> _Work instructions_: Everything in the records below except the images should be output exactly as written.

> _Given records_:
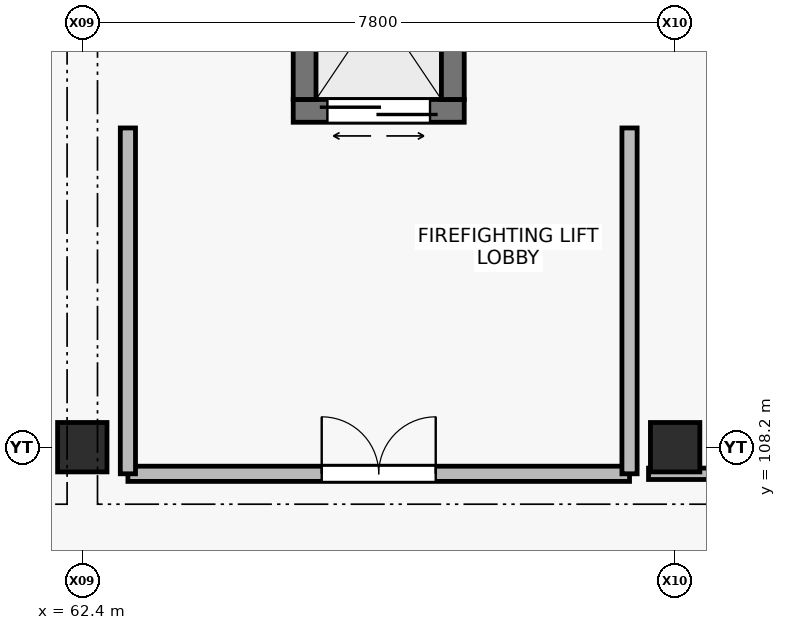
"""IFC4 building model, lengths in metres.
Left out: names, types, materials, properties, quantities, classifications, styles, units other than length and angle.
Written with IfcOpenShell. Run it as: python <this file> out.ifc"""

import sys

from ifc_helpers import new_model, si_unit, direction, frame, frame_2d, origin, origin_2d, place, context, subcontext, project, spatial, rectangle, extrude, element, fill, save


model = new_model("IFC4")
c1 = context("Model", 3, precision=1e-05, world=origin(), true_north=direction((0.0, 1.0)))
c2 = subcontext(c1, "Body", "Model", "MODEL_VIEW")
j1 = project(units=[si_unit("LENGTHUNIT", "METRE"), si_unit("PLANEANGLEUNIT", "RADIAN")], contexts=[c1])
p1 = place(None, origin())
s1 = spatial("IfcSite", under=j1, at=p1, CompositionType="ELEMENT")
p2 = place(p1, origin())
s2 = spatial("IfcBuilding", under=s1, at=p2, CompositionType="ELEMENT")
p3 = place(p2, origin())
s3 = spatial("IfcBuildingStorey", under=s2, at=p3, CompositionType="ELEMENT", Elevation=0.0)
for number, where, z_axis, x_axis in (
    (1, (62.4, 108.2, 0.0), (0.0, 0.0, 1.0), (1.0, 0.0, 0.0)),
    (2, (70.2, 108.2, 0.0), (0.0, 0.0, 1.0), (1.0, 0.0, 0.0)),
):
    element("IfcColumn", number, at=place(p3, frame(where, z_axis=z_axis, x_axis=x_axis)), inside=s3, PredefinedType="COLUMN", context=c2, shape_type="SweptSolid", body=[
        extrude(rectangle(XDim=0.65, YDim=0.65, at=origin_2d()), origin(), (0.0, 0.0, 1.0), 4.8),
    ])
p4 = place(p3, frame((65.175, 112.625, 0.0), z_axis=(0.0, 0.0, 1.0), x_axis=(1.0, 0.0, 0.0)))
e3 = element("IfcWall", 3, at=p4, inside=s3, PredefinedType="SHEAR", context=c2, shape_type="SweptSolid", body=[
    extrude(rectangle(XDim=2.25, YDim=0.3, at=frame_2d((1.125, 0.0))), origin(), (0.0, 0.0, 1.0), 4.54),
])
p5 = place(p4, frame((0.45, 0.0, 0.0)))
e4 = element("IfcOpeningElement", 4, at=p5, cuts=e3, PredefinedType="OPENING", context=c2, shape_type="SweptSolid", body=[
    extrude(rectangle(XDim=1.35, YDim=2.3, at=frame_2d((0.675, 1.15))), frame((0.0, 0.16, 0.0), z_axis=(0.0, -1.0, 0.0), x_axis=(1.0, 0.0, 0.0)), (0.0, 0.0, 1.0), 0.32),
])
for number, where, z_axis, x_axis in (
    (5, (65.325, 115.225, 0.0), (0.0, 0.0, 1.0), (0.0, -1.0, 0.0)),
    (6, (67.275, 112.775, 0.0), (0.0, 0.0, 1.0), (0.0, 1.0, 0.0)),
):
    element("IfcWall", number, at=place(p3, frame(where, z_axis=z_axis, x_axis=x_axis)), inside=s3, PredefinedType="SHEAR", context=c2, shape_type="SweptSolid", body=[
        extrude(rectangle(XDim=2.45, YDim=0.3, at=frame_2d((1.225, 0.0))), origin(), (0.0, 0.0, 1.0), 4.54),
    ])
p6 = place(p3, frame((63.0, 107.85, 0.0), z_axis=(0.0, 0.0, 1.0), x_axis=(1.0, 0.0, 0.0)))
e7 = element("IfcWall", 7, at=p6, inside=s3, PredefinedType="SOLIDWALL", context=c2, shape_type="SweptSolid", body=[
    extrude(rectangle(XDim=6.6, YDim=0.2, at=frame_2d((3.3, 0.0))), origin(), (0.0, 0.0, 1.0), 4.04),
])
p7 = place(p6, frame((2.55, 0.0, 0.0)))
e8 = element("IfcOpeningElement", 8, at=p7, cuts=e7, PredefinedType="OPENING", context=c2, shape_type="SweptSolid", body=[
    extrude(rectangle(XDim=1.5, YDim=2.2, at=frame_2d((0.75, 1.1))), frame((0.0, 0.11, 0.0), z_axis=(0.0, -1.0, 0.0), x_axis=(1.0, 0.0, 0.0)), (0.0, 0.0, 1.0), 0.22),
])
for number, where, z_axis, x_axis in (
    (9, (63.0, 112.4, 0.0), (0.0, 0.0, 1.0), (0.0, -1.0, 0.0)),
    (10, (69.6, 107.85, 0.0), (0.0, 0.0, 1.0), (0.0, 1.0, 0.0)),
):
    element("IfcWall", number, at=place(p3, frame(where, z_axis=z_axis, x_axis=x_axis)), inside=s3, PredefinedType="SOLIDWALL", context=c2, shape_type="SweptSolid", body=[
        extrude(rectangle(XDim=4.55, YDim=0.2, at=frame_2d((2.275, 0.0))), origin(), (0.0, 0.0, 1.0), 4.54),
    ])
p8 = place(p3, frame((69.85, 107.85, 0.0), z_axis=(0.0, 0.0, 1.0), x_axis=(1.0, 0.0, 0.0)))
e11 = element("IfcWall", 11, at=p8, inside=s3, PredefinedType="PARTITIONING", context=c2, shape_type="SweptSolid", body=[
    extrude(rectangle(XDim=3.12, YDim=0.15, at=frame_2d((1.56, 0.0))), origin(), (0.0, 0.0, 1.0), 4.04),
])
p9 = place(p8, frame((1.385, 0.0, 0.0)))
e12 = element("IfcOpeningElement", 12, at=p9, cuts=e11, PredefinedType="OPENING", context=c2, shape_type="SweptSolid", body=[
    extrude(rectangle(XDim=1.3, YDim=2.2, at=frame_2d((0.65, 1.1))), frame((0.0, 0.085, 0.0), z_axis=(0.0, -1.0, 0.0), x_axis=(1.0, 0.0, 0.0)), (0.0, 0.0, 1.0), 0.17),
])
p10 = place(p5, origin())
e13 = element("IfcDoor", 13, at=p10, inside=s3, OperationType="DOUBLE_DOOR_SLIDING", PredefinedType="DOOR", context=c2, shape_type="SweptSolid", body=[
    extrude(rectangle(XDim=1.35, YDim=2.3, at=frame_2d((0.675, 1.15))), frame((0.0, 0.025, 0.0), z_axis=(0.0, -1.0, 0.0), x_axis=(1.0, 0.0, 0.0)), (0.0, 0.0, 1.0), 0.05),
])
fill(e4, e13)
p11 = place(p7, origin())
e14 = element("IfcDoor", 14, at=p11, inside=s3, OperationType="DOUBLE_DOOR_SINGLE_SWING", PredefinedType="DOOR", context=c2, shape_type="SweptSolid", body=[
    extrude(rectangle(XDim=1.5, YDim=2.2, at=frame_2d((0.75, 1.1))), frame((0.0, 0.025, 0.0), z_axis=(0.0, -1.0, 0.0), x_axis=(1.0, 0.0, 0.0)), (0.0, 0.0, 1.0), 0.05),
])
fill(e8, e14)
save(model, sys.argv[1])

> _Result of this task_:
"""IFC4 building model, lengths in metres.
Left out: names, types, materials, properties, quantities, classifications, styles, units other than length and angle.
Written with IfcOpenShell. Run it as: python <this file> out.ifc"""

import sys

from ifc_helpers import new_model, si_unit, direction, frame, frame_2d, origin, origin_2d, place, context, subcontext, project, spatial, rectangle, extrude, element, fill, save


model = new_model("IFC4")
c1 = context("Model", 3, precision=1e-05, world=origin(), true_north=direction((0.0, 1.0)))
c2 = subcontext(c1, "Body", "Model", "MODEL_VIEW")
j1 = project(units=[si_unit("LENGTHUNIT", "METRE"), si_unit("PLANEANGLEUNIT", "RADIAN")], contexts=[c1])
p1 = place(None, origin())
s1 = spatial("IfcSite", under=j1, at=p1, CompositionType="ELEMENT")
p2 = place(p1, origin())
s2 = spatial("IfcBuilding", under=s1, at=p2, CompositionType="ELEMENT")
p3 = place(p2, origin())
s3 = spatial("IfcBuildingStorey", under=s2, at=p3, CompositionType="ELEMENT", Elevation=0.0)
for number, where, z_axis, x_axis in (
    (1, (62.4, 108.2, 0.0), (0.0, 0.0, 1.0), (1.0, 0.0, 0.0)),
    (2, (70.2, 108.2, 0.0), (0.0, 0.0, 1.0), (1.0, 0.0, 0.0)),
):
    element("IfcColumn", number, at=place(p3, frame(where, z_axis=z_axis, x_axis=x_axis)), inside=s3, PredefinedType="COLUMN", context=c2, shape_type="SweptSolid", body=[
        extrude(rectangle(XDim=0.65, YDim=0.65, at=origin_2d()), origin(), (0.0, 0.0, 1.0), 4.8),
    ])
p4 = place(p3, frame((65.175, 112.625, 0.0), z_axis=(0.0, 0.0, 1.0), x_axis=(1.0, 0.0, 0.0)))
e3 = element("IfcWall", 3, at=p4, inside=s3, PredefinedType="SHEAR", context=c2, shape_type="SweptSolid", body=[
    extrude(rectangle(XDim=2.25, YDim=0.3, at=frame_2d((1.125, 0.0))), origin(), (0.0, 0.0, 1.0), 4.54),
])
p5 = place(p4, frame((0.45, 0.0, 0.0)))
e4 = element("IfcOpeningElement", 4, at=p5, cuts=e3, PredefinedType="OPENING", context=c2, shape_type="SweptSolid", body=[
    extrude(rectangle(XDim=1.35, YDim=2.3, at=frame_2d((0.675, 1.15))), frame((0.0, 0.16, 0.0), z_axis=(0.0, -1.0, 0.0), x_axis=(1.0, 0.0, 0.0)), (0.0, 0.0, 1.0), 0.32),
])
for number, where, z_axis, x_axis in (
    (5, (65.325, 115.225, 0.0), (0.0, 0.0, 1.0), (0.0, -1.0, 0.0)),
    (6, (67.275, 112.775, 0.0), (0.0, 0.0, 1.0), (0.0, 1.0, 0.0)),
):
    element("IfcWall", number, at=place(p3, frame(where, z_axis=z_axis, x_axis=x_axis)), inside=s3, PredefinedType="SHEAR", context=c2, shape_type="SweptSolid", body=[
        extrude(rectangle(XDim=2.45, YDim=0.3, at=frame_2d((1.225, 0.0))), origin(), (0.0, 0.0, 1.0), 4.54),
    ])
p6 = place(p3, frame((63.0, 107.85, 0.0), z_axis=(0.0, 0.0, 1.0), x_axis=(1.0, 0.0, 0.0)))
e7 = element("IfcWall", 7, at=p6, inside=s3, PredefinedType="SOLIDWALL", context=c2, shape_type="SweptSolid", body=[
    extrude(rectangle(XDim=6.6, YDim=0.2, at=frame_2d((3.3, 0.0))), origin(), (0.0, 0.0, 1.0), 4.04),
])
p7 = place(p6, frame((2.55, 0.0, 0.0)))
e8 = element("IfcOpeningElement", 8, at=p7, cuts=e7, PredefinedType="OPENING", context=c2, shape_type="SweptSolid", body=[
    extrude(rectangle(XDim=1.5, YDim=2.2, at=frame_2d((0.75, 1.1))), frame((0.0, 0.11, 0.0), z_axis=(0.0, -1.0, 0.0), x_axis=(1.0, 0.0, 0.0)), (0.0, 0.0, 1.0), 0.22),
])
for number, where, z_axis, x_axis in (
    (9, (63.0, 112.4, 0.0), (0.0, 0.0, 1.0), (0.0, -1.0, 0.0)),
    (10, (69.6, 107.85, 0.0), (0.0, 0.0, 1.0), (0.0, 1.0, 0.0)),
):
    element("IfcWall", number, at=place(p3, frame(where, z_axis=z_axis, x_axis=x_axis)), inside=s3, PredefinedType="SOLIDWALL", context=c2, shape_type="SweptSolid", body=[
        extrude(rectangle(XDim=4.55, YDim=0.2, at=frame_2d((2.275, 0.0))), origin(), (0.0, 0.0, 1.0), 4.54),
    ])
p8 = place(p3, frame((69.85, 107.85, 0.0), z_axis=(0.0, 0.0, 1.0), x_axis=(1.0, 0.0, 0.0)))
e11 = element("IfcWall", 11, at=p8, inside=s3, PredefinedType="PARTITIONING", context=c2, shape_type="SweptSolid", body=[
    extrude(rectangle(XDim=3.12, YDim=0.15, at=frame_2d((1.56, 0.0))), origin(), (0.0, 0.0, 1.0), 4.04),
])
p9 = place(p8, frame((1.385, 0.0, 0.0)))
e12 = element("IfcOpeningElement", 12, at=p9, cuts=e11, PredefinedType="OPENING", context=c2, shape_type="SweptSolid", body=[
    extrude(rectangle(XDim=1.3, YDim=2.2, at=frame_2d((0.65, 1.1))), frame((0.0, 0.085, 0.0), z_axis=(0.0, -1.0, 0.0), x_axis=(1.0, 0.0, 0.0)), (0.0, 0.0, 1.0), 0.17),
])
p10 = place(p5, origin())
e13 = element("IfcDoor", 13, at=p10, inside=s3, OperationType="DOUBLE_DOOR_SLIDING", PredefinedType="DOOR", context=c2, shape_type="SweptSolid", body=[
    extrude(rectangle(XDim=1.35, YDim=2.3, at=frame_2d((0.675, 1.15))), frame((0.0, 0.025, 0.0), z_axis=(0.0, -1.0, 0.0), x_axis=(1.0, 0.0, 0.0)), (0.0, 0.0, 1.0), 0.05),
])
fill(e4, e13)
p11 = place(p7, origin())
e14 = element("IfcDoor", 14, at=p11, inside=s3, OperationType="DOUBLE_DOOR_SINGLE_SWING", PredefinedType="DOOR", context=c2, shape_type="SweptSolid", body=[
    extrude(rectangle(XDim=1.5, YDim=2.2, at=frame_2d((0.75, 1.1))), frame((0.0, 0.025, 0.0), z_axis=(0.0, -1.0, 0.0), x_axis=(1.0, 0.0, 0.0)), (0.0, 0.0, 1.0), 0.05),
])
fill(e8, e14)
save(model, sys.argv[1])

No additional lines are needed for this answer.